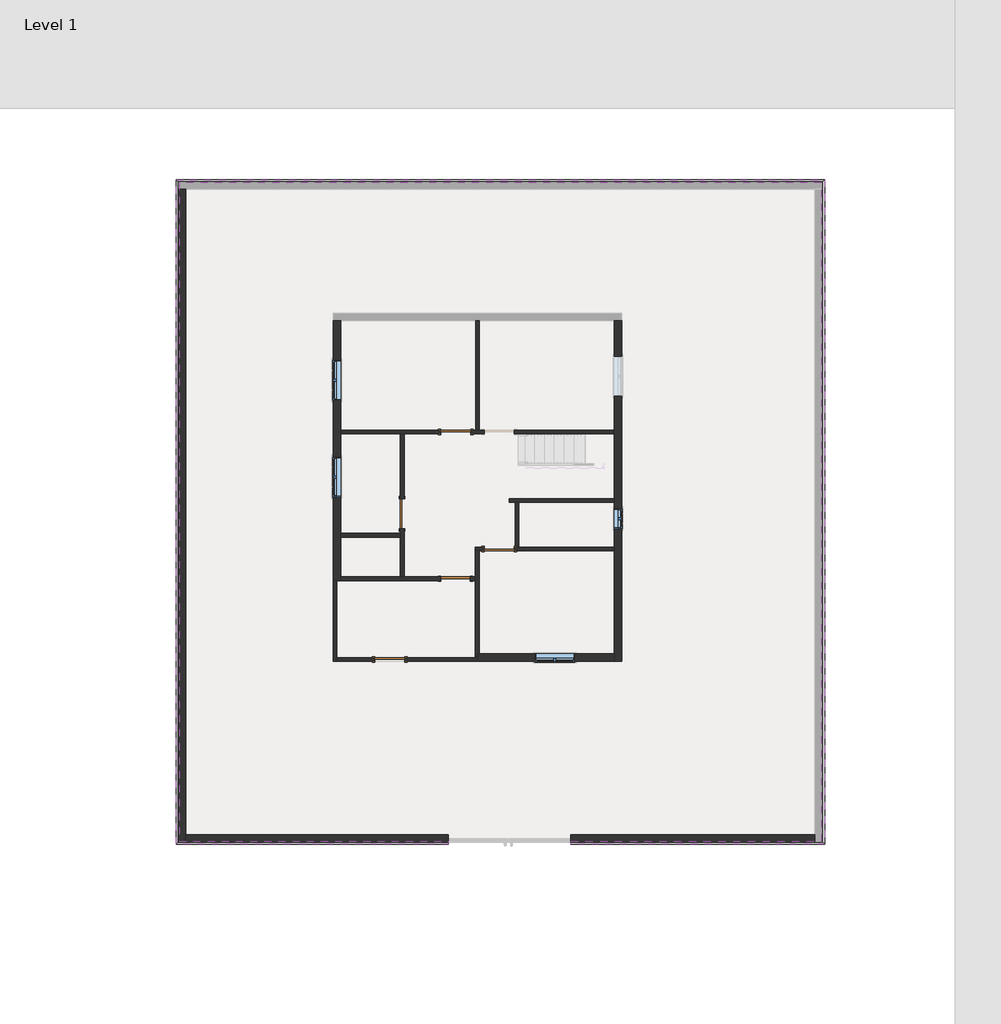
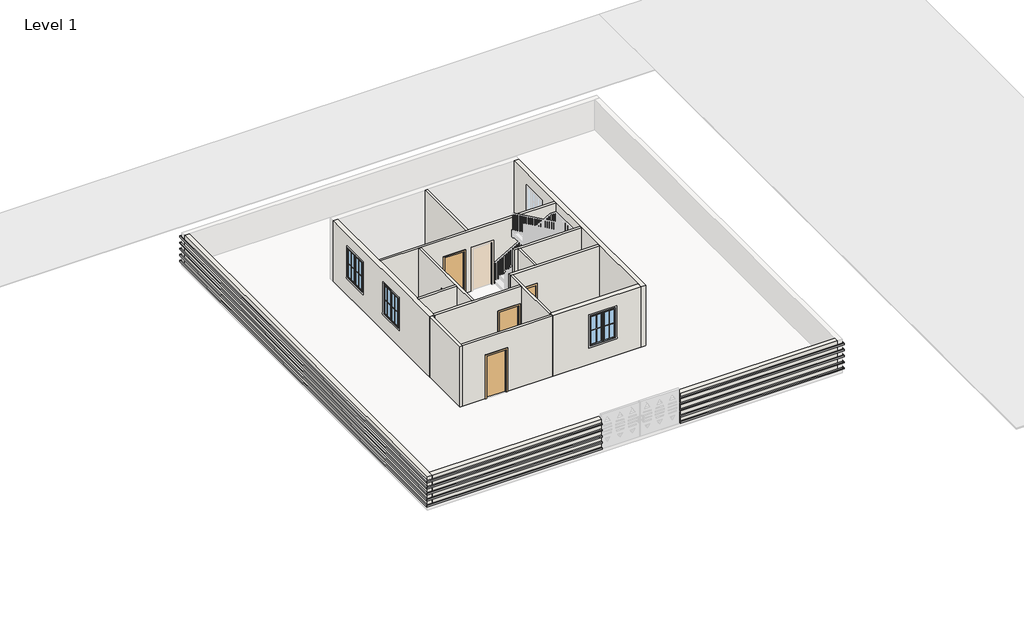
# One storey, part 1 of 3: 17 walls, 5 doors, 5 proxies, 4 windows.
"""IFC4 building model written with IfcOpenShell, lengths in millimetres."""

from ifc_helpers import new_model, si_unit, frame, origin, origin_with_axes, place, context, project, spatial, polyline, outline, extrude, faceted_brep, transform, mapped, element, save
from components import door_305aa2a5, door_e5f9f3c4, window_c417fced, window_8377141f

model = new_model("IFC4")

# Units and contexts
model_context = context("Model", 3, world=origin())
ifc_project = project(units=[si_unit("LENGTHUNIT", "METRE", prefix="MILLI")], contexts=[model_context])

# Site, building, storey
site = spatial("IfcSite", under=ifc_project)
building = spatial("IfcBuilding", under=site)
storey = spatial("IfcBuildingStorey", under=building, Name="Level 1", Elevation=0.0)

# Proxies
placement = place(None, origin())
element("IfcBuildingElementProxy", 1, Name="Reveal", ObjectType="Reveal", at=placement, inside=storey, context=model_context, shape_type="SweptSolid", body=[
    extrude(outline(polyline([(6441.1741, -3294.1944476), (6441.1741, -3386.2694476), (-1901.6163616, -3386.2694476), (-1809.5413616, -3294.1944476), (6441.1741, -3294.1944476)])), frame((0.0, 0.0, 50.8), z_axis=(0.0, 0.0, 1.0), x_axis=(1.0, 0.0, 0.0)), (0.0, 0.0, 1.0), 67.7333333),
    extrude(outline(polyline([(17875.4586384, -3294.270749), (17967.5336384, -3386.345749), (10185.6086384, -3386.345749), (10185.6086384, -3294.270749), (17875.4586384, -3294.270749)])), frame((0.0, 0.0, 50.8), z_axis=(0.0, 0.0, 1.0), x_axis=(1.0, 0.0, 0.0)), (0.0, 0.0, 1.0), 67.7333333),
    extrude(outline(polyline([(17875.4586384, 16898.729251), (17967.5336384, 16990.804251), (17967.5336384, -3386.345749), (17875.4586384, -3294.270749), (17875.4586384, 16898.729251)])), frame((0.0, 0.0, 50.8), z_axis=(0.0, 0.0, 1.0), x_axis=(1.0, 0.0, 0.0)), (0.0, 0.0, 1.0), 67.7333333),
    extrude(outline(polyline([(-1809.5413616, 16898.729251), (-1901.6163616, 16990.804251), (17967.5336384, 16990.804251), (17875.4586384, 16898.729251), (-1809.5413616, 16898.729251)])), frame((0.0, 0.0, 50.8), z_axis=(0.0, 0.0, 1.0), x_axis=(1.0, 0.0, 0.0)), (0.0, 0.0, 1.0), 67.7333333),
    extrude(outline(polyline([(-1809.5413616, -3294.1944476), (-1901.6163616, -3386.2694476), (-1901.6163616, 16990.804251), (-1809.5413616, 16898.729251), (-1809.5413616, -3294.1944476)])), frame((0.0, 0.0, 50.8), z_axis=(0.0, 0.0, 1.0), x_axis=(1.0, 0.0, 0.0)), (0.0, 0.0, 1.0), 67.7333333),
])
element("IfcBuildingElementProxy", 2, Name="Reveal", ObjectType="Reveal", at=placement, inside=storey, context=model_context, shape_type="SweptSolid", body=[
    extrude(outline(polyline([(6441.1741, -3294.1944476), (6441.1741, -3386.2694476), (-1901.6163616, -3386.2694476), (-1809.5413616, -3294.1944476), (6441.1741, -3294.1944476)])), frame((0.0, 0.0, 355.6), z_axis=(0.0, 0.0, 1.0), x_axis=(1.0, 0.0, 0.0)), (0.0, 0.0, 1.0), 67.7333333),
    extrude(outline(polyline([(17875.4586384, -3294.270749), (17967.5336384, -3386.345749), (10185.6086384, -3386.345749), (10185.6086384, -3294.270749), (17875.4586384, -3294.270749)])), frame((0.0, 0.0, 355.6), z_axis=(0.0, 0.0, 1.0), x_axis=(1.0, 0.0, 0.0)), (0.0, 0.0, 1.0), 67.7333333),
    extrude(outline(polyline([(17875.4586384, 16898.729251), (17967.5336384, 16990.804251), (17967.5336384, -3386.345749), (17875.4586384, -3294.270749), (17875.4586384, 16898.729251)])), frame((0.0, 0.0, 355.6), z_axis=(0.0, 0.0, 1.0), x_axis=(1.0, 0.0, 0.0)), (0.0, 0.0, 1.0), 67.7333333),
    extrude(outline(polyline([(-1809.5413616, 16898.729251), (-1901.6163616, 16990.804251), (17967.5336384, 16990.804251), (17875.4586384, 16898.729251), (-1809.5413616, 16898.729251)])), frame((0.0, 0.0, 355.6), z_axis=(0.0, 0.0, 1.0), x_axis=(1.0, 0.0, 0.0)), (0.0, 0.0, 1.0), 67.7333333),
* * *
Task to carry out:
Scan the data for the string "contexts" and copy each line in which it occurs.

Your solution:
# Units and contexts
ifc_project = project(units=[si_unit("LENGTHUNIT", "METRE", prefix="MILLI")], contexts=[model_context])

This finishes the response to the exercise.